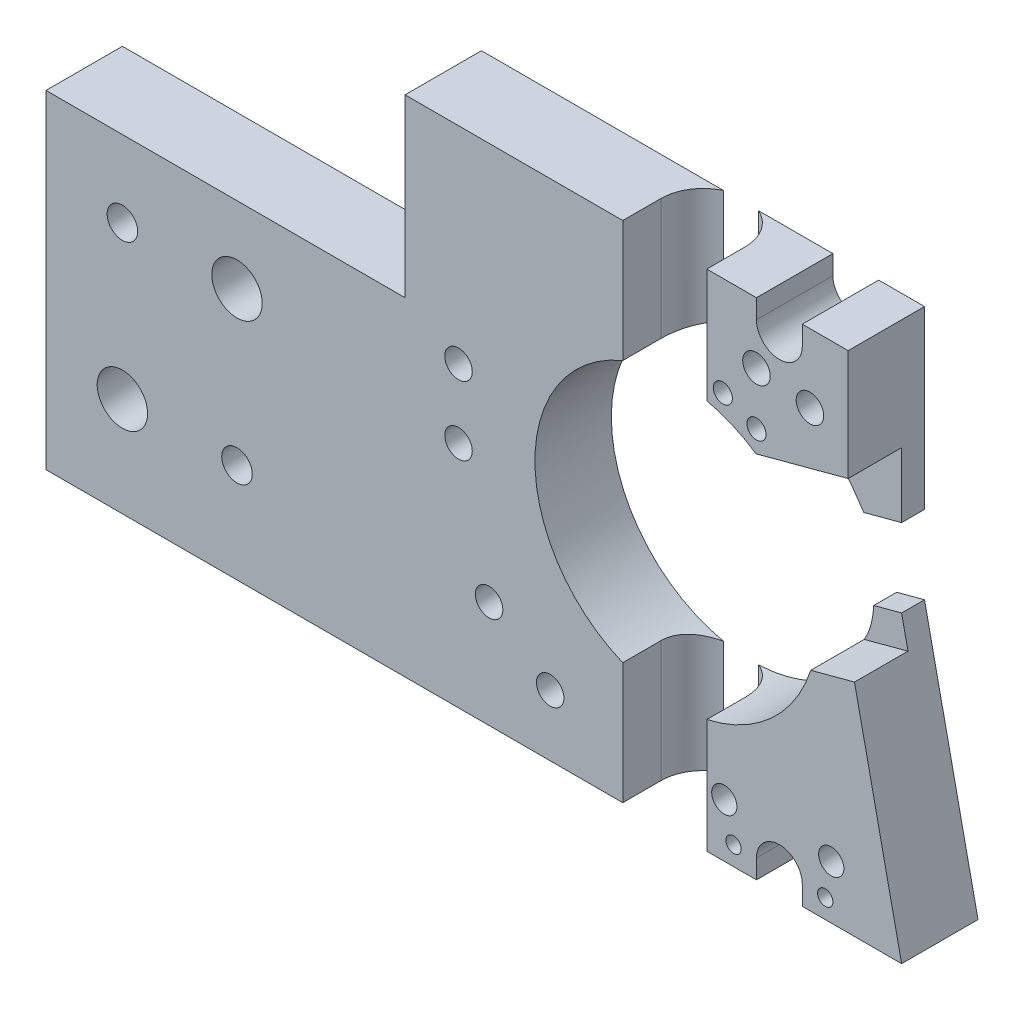
from build123d import *

# Parameters (mm, degrees)
EXTRUDE_1_DEPTH     = 10
CUT_EXTRUDE_1_DEPTH = 91.586178454
CUT_EXTRUDE_2_DEPTH = 7
CUT_EXTRUDE_3_DEPTH = 74.145140044
SKETCH_5_R          = 2
SKETCH_5_R_2        = 3.3
SKETCH_5_R_3        = 1.8
SKETCH_5_R_4        = 1.65
SKETCH_5_R_5        = 1.25
SKETCH_5_R_6        = 1
CUT_EXTRUDE_4_DEPTH = 74.145140044
CUT_EXTRUDE_5_DEPTH = 10
CUT_EXTRUDE_6_DEPTH = 10


with BuildPart() as part:
    # 草图1 → 凸台-拉伸1 (new body)
    with BuildSketch(Plane.XY):
        with BuildLine():
            Line((-50.763934426, 4.26557377), (-3.763934426, 4.26557377))
            Line((-3.763934426, 4.26557377), (-3.763934426, 27.26557377))
            Line((-3.763934426, 27.26557377), (54.236065574, 27.26557377))
            Line((54.236065574, 27.26557377), (54.236065574, 4.26557377))
            Line((54.236065574, 4.26557377), (48.224573526, 2.654799331))
            ThreePointArc((48.224573526, 2.654799331), (13.603048186, -9.400988707), (50.188626042, -7.058439882))
            Line((50.188626042, -7.058439882), (54.236065574, -5.973931728))
            Line((54.236065574, -5.973931728), (61.236065574, -38.73442623))
            Line((61.236065574, -38.73442623), (-50.763934426, -38.73442623))
            Line((-50.763934426, -38.73442623), (-50.763934426, 4.26557377))
        make_face()
    extrude(amount=EXTRUDE_1_DEPTH)

    # 草图2 → 切除-拉伸1 (cut, through all)
    with BuildSketch(Plane(origin=(0, 27.26557377, 0), x_dir=(1, 0, 0), z_dir=(0, 1, 0))):
        with BuildLine():
            Line((35.736065574, -5), (35.736065574, -10))
            Line((35.736065574, -10), (24.736065574, -10))
            Line((24.736065574, -10), (24.736065574, -5))
            ThreePointArc((24.736065574, -5), (30.236065574, 0.5), (35.736065574, -5))
        make_face()
    extrude(amount=-CUT_EXTRUDE_1_DEPTH, mode=Mode.SUBTRACT)


with BuildPart() as cut_extrude_1_piece_1:
    # of the separate pieces the step leaves, piece 1, a body of its own (cut_extrude_1_pieces)
    add(part.part.solids().sort_by_distance((-50.763934426, 4.26557377, 0))[0])


with BuildPart() as cut_extrude_1_piece_2:
    # of the separate pieces the step leaves, piece 2, a body of its own (cut_extrude_1_pieces)
    add(part.part.solids().sort_by_distance((61.236065574, -38.73442623, 0))[0])


with BuildPart() as cut_extrude_1_piece_3:
    # of the separate pieces the step leaves, piece 3, a body of its own (cut_extrude_1_pieces)
    add(part.part.solids().sort_by_distance((32.527353421, 12.748643417, 0))[0])


with BuildPart() as cut_extrude_2_tool:
    # 草图3 → 切除-拉伸2 (new body)
    with BuildSketch(Plane.XY.offset(10)):
        with BuildLine():
            Line((54.236065574, 4.26557377), (54.236065574, 12.76557377))
            Line((54.236065574, 12.76557377), (42.180479772, 9.535289291))
            ThreePointArc((42.180479772, 9.535289291), (45.635017312, 6.474961167), (48.224573526, 2.654799331))
            Line((48.224573526, 2.654799331), (54.236065574, 4.26557377))
        make_face()
        with BuildLine():
            Line((54.236065574, -5.973931728), (55.071886469, -9.885632564))
            Line((55.071886469, -9.885632564), (49.340274669, -11.421413317))
            ThreePointArc((49.340274669, -11.421413317), (49.895953848, -9.265496585), (50.188626042, -7.058439882))
            Line((50.188626042, -7.058439882), (54.236065574, -5.973931728))
        make_face()
    extrude(amount=-CUT_EXTRUDE_2_DEPTH)


with BuildPart() as cut_extrude_1_piece_2_1:
    add(cut_extrude_1_piece_2.part)

    # 切除-拉伸2: cut by cut_extrude_2_tool
    add(cut_extrude_2_tool.part, mode=Mode.SUBTRACT)


with BuildPart() as cut_extrude_1_piece_3_1:
    add(cut_extrude_1_piece_3.part)

    # 切除-拉伸2: cut by cut_extrude_2_tool
    add(cut_extrude_2_tool.part, mode=Mode.SUBTRACT)


with BuildPart() as cut_extrude_3_tool:
    # 草图4 → 切除-拉伸3 (new, through all)
    with BuildSketch(Plane.XY.offset(10)):
        with BuildLine():
            Line((42.236065574, -36.23442623), (42.236065574, -38.73442623))
            Line((42.236065574, -38.73442623), (48.236065574, -38.73442623))
            Line((48.236065574, -38.73442623), (48.236065574, -36.23442623))
            ThreePointArc((48.236065574, -36.23442623), (45.236065574, -33.23442623), (42.236065574, -36.23442623))
        make_face()
        with BuildLine():
            Line((48.236065574, 27.26557377), (42.236065574, 27.26557377))
            Line((42.236065574, 27.26557377), (42.236065574, 24.76557377))
            ThreePointArc((42.236065574, 24.76557377), (45.236065574, 21.76557377), (48.236065574, 24.76557377))
            Line((48.236065574, 24.76557377), (48.236065574, 27.26557377))
        make_face()
    extrude(amount=-CUT_EXTRUDE_3_DEPTH)


with BuildPart() as cut_extrude_1_piece_2_2:
    add(cut_extrude_1_piece_2_1.part)

    # 切除-拉伸3: cut by cut_extrude_3_tool
    add(cut_extrude_3_tool.part, mode=Mode.SUBTRACT)


with BuildPart() as cut_extrude_1_piece_3_2:
    add(cut_extrude_1_piece_3_1.part)

    # 切除-拉伸3: cut by cut_extrude_3_tool
    add(cut_extrude_3_tool.part, mode=Mode.SUBTRACT)


with BuildPart() as cut_extrude_4_tool:
    # 草图5 → 切除-拉伸4 (new, through all)
    with BuildSketch(Plane.XY.offset(10)):
        with Locations((-40.763934426, -5.73442623)):
            Circle(SKETCH_5_R)
        with Locations((-40.763934426, -25.73442623)):
            Circle(SKETCH_5_R_2)
        with Locations((-25.763934426, -5.73442623)):
            Circle(SKETCH_5_R_2)
        with Locations((-25.763934426, -25.73442623)):
            Circle(SKETCH_5_R)
        with Locations((7.236065574, -24.73442623)):
            Circle(SKETCH_5_R_3)
        with Locations((15.236065574, -30.73442623)):
            Circle(SKETCH_5_R_3)
        with Locations((3.236065574, 0.26557377)):
            Circle(SKETCH_5_R_3)
        with Locations((3.236065574, -8.73442623)):
            Circle(SKETCH_5_R_3)
        with Locations((38.027353421, -31.73442623)):
            Circle(SKETCH_5_R_4)
        with Locations((52.026065574, -31.73442623)):
            Circle(SKETCH_5_R_4)
        with Locations((42.236065574, 19.26557377)):
            Circle(SKETCH_5_R_3)
        with Locations((49.236065574, 18.26557377)):
            Circle(SKETCH_5_R_3)
        with Locations((37.836065574, 14.26557377)):
            Circle(SKETCH_5_R_5)
        with Locations((42.236065574, 12.38557377)):
            Circle(SKETCH_5_R_5)
        with Locations((39.236065574, -36.23442623)):
            Circle(SKETCH_5_R_6)
        with Locations((51.236065574, -36.23442623)):
            Circle(SKETCH_5_R_6)
    extrude(amount=-CUT_EXTRUDE_4_DEPTH)


with BuildPart() as cut_extrude_1_piece_1_1:
    add(cut_extrude_1_piece_1.part)

    # 切除-拉伸4: cut by cut_extrude_4_tool
    add(cut_extrude_4_tool.part, mode=Mode.SUBTRACT)


with BuildPart() as cut_extrude_1_piece_2_3:
    add(cut_extrude_1_piece_2_2.part)

    # 切除-拉伸4: cut by cut_extrude_4_tool
    add(cut_extrude_4_tool.part, mode=Mode.SUBTRACT)

    # 草图7 → 切除-拉伸6 (cut)
    with BuildSketch(Plane.XY.offset(3)):
        with BuildLine():
            Line((50.586440047, -6.95184594), (50.188626042, -7.058439882))
            ThreePointArc((50.188626042, -7.058439882), (49.895953848, -9.265496585), (49.340274669, -11.421413317))
            add(Edge.make_bspline(
                [(49.340274669, -11.421413317), (50.179872923, -10.066049912), (50.47464498, -8.503042836), (50.586440047, -6.95184594)],
                knots=[0, 0, 0, 0, 1, 1, 1, 1], degree=3))
        make_face()
    extrude(amount=-CUT_EXTRUDE_6_DEPTH, mode=Mode.SUBTRACT)


with BuildPart() as cut_extrude_1_piece_3_3:
    add(cut_extrude_1_piece_3_2.part)

    # 切除-拉伸4: cut by cut_extrude_4_tool
    add(cut_extrude_4_tool.part, mode=Mode.SUBTRACT)

    # 草图6 → 切除-拉伸5 (cut)
    with BuildSketch(Plane.XY.offset(3)):
        with BuildLine():
            Line((49.284985205, 2.938935784), (48.224573526, 2.654799331))
            ThreePointArc((48.224573526, 2.654799331), (45.635017312, 6.474961167), (42.180479772, 9.535289291))
            add(Edge.make_bspline(
                [(42.180479772, 9.535289291), (45.593095673, 8.546903827), (47.47999295, 5.649415813), (49.284985205, 2.938935784)],
                knots=[0, 0, 0, 0, 1, 1, 1, 1], degree=3))
        make_face()
    extrude(amount=-CUT_EXTRUDE_5_DEPTH, mode=Mode.SUBTRACT)


solid = Compound([cut_extrude_1_piece_1_1.part, cut_extrude_1_piece_2_3.part, cut_extrude_1_piece_3_3.part])

• WHAT THE EXERCISE ASKS:
Repeat exactly the lines from the first line of the records above through the line containing "# of the separate pieces the step leaves, piece 2, a", leaving out the pictures.

• RESULT:
from build123d import *

# Parameters (mm, degrees)
EXTRUDE_1_DEPTH     = 10
CUT_EXTRUDE_1_DEPTH = 91.586178454
CUT_EXTRUDE_2_DEPTH = 7
CUT_EXTRUDE_3_DEPTH = 74.145140044
SKETCH_5_R          = 2
SKETCH_5_R_2        = 3.3
SKETCH_5_R_3        = 1.8
SKETCH_5_R_4        = 1.65
SKETCH_5_R_5        = 1.25
SKETCH_5_R_6        = 1
CUT_EXTRUDE_4_DEPTH = 74.145140044
CUT_EXTRUDE_5_DEPTH = 10
CUT_EXTRUDE_6_DEPTH = 10


with BuildPart() as part:
    # 草图1 → 凸台-拉伸1 (new body)
    with BuildSketch(Plane.XY):
        with BuildLine():
            Line((-50.763934426, 4.26557377), (-3.763934426, 4.26557377))
            Line((-3.763934426, 4.26557377), (-3.763934426, 27.26557377))
            Line((-3.763934426, 27.26557377), (54.236065574, 27.26557377))
            Line((54.236065574, 27.26557377), (54.236065574, 4.26557377))
            Line((54.236065574, 4.26557377), (48.224573526, 2.654799331))
            ThreePointArc((48.224573526, 2.654799331), (13.603048186, -9.400988707), (50.188626042, -7.058439882))
            Line((50.188626042, -7.058439882), (54.236065574, -5.973931728))
            Line((54.236065574, -5.973931728), (61.236065574, -38.73442623))
            Line((61.236065574, -38.73442623), (-50.763934426, -38.73442623))
            Line((-50.763934426, -38.73442623), (-50.763934426, 4.26557377))
        make_face()
    extrude(amount=EXTRUDE_1_DEPTH)

    # 草图2 → 切除-拉伸1 (cut, through all)
    with BuildSketch(Plane(origin=(0, 27.26557377, 0), x_dir=(1, 0, 0), z_dir=(0, 1, 0))):
        with BuildLine():
            Line((35.736065574, -5), (35.736065574, -10))
            Line((35.736065574, -10), (24.736065574, -10))
            Line((24.736065574, -10), (24.736065574, -5))
            ThreePointArc((24.736065574, -5), (30.236065574, 0.5), (35.736065574, -5))
        make_face()
    extrude(amount=-CUT_EXTRUDE_1_DEPTH, mode=Mode.SUBTRACT)


with BuildPart() as cut_extrude_1_piece_1:
    # of the separate pieces the step leaves, piece 1, a body of its own (cut_extrude_1_pieces)
    add(part.part.solids().sort_by_distance((-50.763934426, 4.26557377, 0))[0])


with BuildPart() as cut_extrude_1_piece_2:
    # of the separate pieces the step leaves, piece 2, a body of its own (cut_extrude_1_pieces)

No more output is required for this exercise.